Exercise: From the records below, return every line containing the word "SHEAR".

Information supplied:
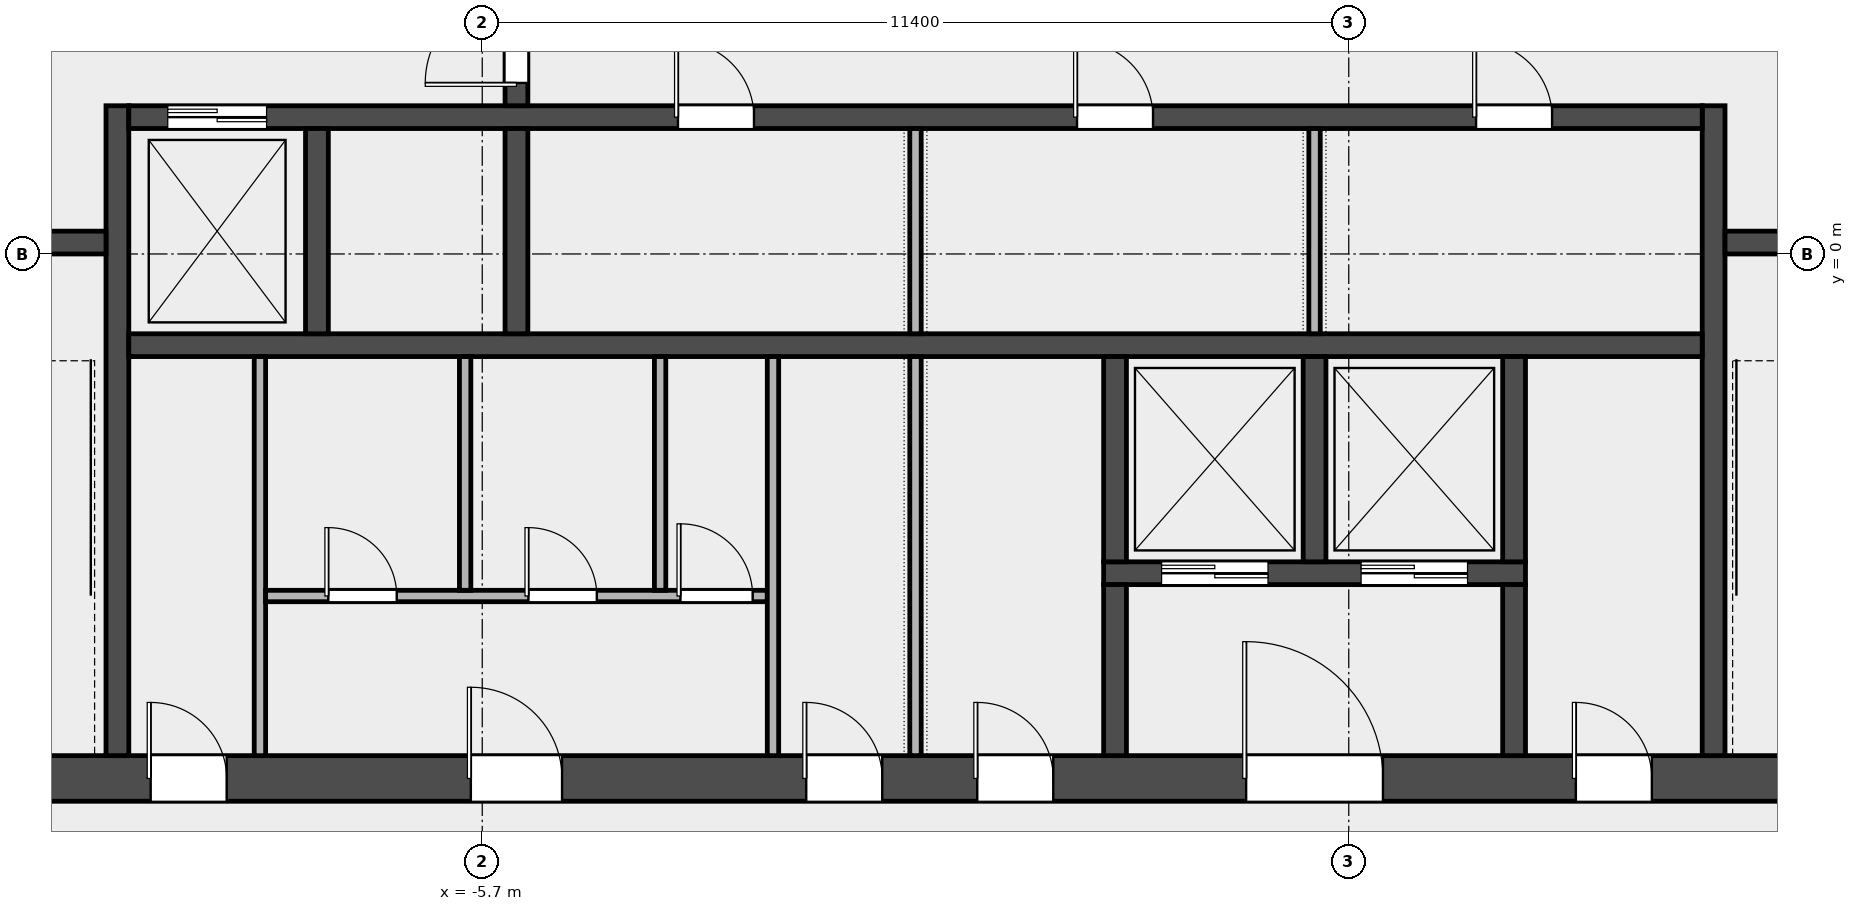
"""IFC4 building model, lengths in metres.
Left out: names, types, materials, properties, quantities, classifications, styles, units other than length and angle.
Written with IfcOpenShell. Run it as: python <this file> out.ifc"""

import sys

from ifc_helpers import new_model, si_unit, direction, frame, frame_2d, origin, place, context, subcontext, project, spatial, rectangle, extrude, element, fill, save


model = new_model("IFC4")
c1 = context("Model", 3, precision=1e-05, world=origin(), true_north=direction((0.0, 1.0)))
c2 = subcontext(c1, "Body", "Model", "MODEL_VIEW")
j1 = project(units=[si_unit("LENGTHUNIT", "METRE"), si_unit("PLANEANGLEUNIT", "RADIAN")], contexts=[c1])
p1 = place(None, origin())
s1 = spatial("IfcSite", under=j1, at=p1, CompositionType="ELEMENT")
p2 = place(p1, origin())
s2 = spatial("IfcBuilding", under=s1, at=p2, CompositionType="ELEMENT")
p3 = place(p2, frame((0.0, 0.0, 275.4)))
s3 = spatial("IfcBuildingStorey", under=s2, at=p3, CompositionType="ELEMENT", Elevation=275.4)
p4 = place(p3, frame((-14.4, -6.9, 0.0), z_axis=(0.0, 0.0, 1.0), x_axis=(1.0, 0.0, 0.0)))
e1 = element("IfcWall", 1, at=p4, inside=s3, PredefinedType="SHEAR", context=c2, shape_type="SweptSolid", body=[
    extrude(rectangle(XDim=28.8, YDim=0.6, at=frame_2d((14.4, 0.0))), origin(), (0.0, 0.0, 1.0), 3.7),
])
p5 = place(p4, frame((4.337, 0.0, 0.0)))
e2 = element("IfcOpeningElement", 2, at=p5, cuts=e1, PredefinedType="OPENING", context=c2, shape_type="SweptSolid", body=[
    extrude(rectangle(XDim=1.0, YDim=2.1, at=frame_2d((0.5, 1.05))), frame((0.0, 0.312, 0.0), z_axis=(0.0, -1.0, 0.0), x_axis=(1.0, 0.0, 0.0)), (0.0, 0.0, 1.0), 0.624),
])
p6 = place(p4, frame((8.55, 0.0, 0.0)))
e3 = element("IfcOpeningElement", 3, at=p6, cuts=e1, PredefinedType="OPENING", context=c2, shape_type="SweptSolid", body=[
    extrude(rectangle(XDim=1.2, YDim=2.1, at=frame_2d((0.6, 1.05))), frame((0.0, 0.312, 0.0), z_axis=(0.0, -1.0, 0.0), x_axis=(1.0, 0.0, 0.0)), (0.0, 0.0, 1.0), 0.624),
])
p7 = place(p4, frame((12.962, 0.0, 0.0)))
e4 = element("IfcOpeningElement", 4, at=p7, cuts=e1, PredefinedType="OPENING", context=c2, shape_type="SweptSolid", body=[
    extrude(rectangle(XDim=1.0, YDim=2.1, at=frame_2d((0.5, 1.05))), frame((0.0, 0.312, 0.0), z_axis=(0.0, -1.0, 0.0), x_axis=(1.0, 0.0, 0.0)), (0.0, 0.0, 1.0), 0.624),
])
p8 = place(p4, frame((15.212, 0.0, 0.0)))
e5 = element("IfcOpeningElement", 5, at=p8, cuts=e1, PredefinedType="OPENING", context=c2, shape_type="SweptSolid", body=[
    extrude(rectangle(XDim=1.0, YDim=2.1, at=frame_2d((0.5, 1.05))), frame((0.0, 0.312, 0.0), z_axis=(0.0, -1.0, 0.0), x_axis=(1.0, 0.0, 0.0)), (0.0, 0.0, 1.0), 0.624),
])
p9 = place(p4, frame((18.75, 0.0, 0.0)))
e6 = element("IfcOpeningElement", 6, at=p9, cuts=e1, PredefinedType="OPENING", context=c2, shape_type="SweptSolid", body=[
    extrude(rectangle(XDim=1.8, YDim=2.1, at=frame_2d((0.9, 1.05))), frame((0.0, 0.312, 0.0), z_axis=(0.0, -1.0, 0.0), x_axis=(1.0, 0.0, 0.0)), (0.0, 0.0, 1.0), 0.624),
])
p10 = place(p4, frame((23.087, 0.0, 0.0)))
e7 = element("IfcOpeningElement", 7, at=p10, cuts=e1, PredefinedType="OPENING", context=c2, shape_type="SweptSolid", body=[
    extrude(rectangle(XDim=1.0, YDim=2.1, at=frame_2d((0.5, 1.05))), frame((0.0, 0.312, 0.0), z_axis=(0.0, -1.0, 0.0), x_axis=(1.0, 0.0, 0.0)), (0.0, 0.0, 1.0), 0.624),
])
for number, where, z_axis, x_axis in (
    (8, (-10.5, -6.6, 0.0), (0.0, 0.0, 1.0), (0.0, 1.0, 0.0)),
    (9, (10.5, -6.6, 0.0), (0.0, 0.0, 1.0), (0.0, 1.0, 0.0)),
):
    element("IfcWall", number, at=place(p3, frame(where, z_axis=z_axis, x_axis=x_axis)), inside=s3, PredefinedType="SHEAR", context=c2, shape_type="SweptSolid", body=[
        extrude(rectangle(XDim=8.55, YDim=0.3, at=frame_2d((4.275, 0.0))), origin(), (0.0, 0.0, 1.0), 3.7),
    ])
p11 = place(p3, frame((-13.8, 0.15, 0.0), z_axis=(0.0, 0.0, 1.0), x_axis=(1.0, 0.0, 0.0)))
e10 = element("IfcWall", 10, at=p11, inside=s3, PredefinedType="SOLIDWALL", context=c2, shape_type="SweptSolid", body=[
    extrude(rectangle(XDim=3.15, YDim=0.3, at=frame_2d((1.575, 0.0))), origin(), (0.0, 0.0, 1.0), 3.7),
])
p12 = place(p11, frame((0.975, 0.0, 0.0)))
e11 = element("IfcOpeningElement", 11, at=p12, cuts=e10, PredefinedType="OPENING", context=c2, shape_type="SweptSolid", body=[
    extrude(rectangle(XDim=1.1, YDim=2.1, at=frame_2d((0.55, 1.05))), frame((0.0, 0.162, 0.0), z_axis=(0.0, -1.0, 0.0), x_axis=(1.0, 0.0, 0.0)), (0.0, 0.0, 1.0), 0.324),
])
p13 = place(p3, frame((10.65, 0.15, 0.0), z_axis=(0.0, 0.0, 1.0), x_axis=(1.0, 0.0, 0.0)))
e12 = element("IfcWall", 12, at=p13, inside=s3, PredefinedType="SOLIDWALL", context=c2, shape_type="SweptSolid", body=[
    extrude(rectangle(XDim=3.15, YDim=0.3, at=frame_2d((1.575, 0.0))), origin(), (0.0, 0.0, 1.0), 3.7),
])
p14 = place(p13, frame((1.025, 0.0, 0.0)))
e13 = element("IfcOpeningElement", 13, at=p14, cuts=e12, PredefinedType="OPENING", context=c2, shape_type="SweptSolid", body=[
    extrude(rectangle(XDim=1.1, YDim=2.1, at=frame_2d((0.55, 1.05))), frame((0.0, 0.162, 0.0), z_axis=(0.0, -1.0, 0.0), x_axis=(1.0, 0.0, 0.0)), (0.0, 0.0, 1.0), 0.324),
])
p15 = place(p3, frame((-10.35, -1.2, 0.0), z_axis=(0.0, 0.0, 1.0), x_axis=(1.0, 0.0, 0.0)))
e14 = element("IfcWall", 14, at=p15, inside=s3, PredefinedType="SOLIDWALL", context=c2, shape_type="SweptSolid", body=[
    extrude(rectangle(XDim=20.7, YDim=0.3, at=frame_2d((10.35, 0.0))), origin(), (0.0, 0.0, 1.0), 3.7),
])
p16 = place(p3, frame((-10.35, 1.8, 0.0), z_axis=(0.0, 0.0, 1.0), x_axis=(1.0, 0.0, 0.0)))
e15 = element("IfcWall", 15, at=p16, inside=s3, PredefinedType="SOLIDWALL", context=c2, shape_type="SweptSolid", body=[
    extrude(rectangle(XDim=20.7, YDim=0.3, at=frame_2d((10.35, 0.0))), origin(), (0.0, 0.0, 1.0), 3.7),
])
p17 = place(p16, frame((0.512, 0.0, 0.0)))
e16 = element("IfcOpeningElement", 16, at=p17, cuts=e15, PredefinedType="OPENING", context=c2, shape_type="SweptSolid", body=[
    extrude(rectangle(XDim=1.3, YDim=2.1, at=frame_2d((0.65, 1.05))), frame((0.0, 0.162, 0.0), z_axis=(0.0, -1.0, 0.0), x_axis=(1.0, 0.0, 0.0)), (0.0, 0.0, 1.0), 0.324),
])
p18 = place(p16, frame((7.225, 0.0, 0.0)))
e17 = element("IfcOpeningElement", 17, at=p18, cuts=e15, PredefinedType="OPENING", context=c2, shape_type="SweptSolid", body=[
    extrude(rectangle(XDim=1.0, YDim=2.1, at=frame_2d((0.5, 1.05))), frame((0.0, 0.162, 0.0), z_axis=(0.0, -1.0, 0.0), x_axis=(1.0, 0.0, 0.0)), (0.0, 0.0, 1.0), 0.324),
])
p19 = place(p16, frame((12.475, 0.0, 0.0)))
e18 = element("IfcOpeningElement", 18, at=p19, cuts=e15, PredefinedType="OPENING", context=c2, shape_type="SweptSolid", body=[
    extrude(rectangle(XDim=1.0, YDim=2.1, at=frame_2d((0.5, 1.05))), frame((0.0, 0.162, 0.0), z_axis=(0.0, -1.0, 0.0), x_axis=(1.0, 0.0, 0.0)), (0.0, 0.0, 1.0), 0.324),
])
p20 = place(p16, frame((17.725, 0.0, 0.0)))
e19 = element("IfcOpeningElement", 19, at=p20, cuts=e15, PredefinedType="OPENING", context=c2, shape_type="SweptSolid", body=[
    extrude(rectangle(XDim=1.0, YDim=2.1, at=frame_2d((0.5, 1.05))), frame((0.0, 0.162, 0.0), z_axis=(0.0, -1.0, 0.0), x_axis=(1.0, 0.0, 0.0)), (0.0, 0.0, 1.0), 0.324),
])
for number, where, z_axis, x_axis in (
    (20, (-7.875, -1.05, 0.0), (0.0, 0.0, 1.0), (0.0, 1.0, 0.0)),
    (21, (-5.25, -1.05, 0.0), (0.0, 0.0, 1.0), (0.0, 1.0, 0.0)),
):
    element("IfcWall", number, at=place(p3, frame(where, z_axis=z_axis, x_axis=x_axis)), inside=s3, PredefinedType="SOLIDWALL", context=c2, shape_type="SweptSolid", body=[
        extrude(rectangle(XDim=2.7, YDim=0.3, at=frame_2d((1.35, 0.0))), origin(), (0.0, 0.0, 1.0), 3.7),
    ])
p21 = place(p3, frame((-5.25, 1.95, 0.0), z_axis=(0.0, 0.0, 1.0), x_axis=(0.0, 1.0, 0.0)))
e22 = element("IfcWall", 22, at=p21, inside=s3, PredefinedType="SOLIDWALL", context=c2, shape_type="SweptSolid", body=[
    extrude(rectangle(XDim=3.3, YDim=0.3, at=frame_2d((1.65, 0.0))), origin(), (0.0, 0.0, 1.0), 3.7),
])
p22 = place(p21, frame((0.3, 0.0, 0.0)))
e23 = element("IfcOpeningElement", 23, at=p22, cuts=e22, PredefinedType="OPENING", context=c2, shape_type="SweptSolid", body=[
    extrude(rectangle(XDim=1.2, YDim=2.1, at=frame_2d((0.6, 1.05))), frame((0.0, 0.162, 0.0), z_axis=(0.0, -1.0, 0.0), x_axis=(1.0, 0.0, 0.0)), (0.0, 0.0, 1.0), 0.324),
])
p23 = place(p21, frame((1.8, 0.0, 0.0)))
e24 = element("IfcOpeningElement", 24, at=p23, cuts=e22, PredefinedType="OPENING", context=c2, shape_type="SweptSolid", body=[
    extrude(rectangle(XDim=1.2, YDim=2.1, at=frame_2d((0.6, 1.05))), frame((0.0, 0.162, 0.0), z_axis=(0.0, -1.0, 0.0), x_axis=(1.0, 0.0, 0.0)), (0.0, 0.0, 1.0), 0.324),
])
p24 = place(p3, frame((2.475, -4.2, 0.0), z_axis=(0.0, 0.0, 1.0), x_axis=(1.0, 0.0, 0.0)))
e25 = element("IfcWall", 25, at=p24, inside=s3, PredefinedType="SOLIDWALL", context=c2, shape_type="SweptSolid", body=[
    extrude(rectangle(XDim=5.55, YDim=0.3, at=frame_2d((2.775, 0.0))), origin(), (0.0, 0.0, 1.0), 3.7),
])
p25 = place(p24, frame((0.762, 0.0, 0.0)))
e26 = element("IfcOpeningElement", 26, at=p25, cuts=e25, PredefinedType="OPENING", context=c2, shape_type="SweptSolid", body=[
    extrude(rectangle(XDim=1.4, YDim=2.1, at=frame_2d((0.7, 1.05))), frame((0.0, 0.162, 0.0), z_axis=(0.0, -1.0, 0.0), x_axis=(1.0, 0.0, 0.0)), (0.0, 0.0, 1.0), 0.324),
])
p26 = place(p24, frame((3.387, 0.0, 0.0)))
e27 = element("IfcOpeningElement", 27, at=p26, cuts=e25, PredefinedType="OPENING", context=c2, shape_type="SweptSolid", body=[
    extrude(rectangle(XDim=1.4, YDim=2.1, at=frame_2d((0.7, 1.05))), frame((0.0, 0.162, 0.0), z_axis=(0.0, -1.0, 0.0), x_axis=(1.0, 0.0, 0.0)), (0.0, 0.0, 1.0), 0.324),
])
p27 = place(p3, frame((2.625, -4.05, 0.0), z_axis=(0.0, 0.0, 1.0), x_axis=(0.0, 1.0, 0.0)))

Answer for the task:
e1 = element("IfcWall", 1, at=p4, inside=s3, PredefinedType="SHEAR", context=c2, shape_type="SweptSolid", body=[
    element("IfcWall", number, at=place(p3, frame(where, z_axis=z_axis, x_axis=x_axis)), inside=s3, PredefinedType="SHEAR", context=c2, shape_type="SweptSolid", body=[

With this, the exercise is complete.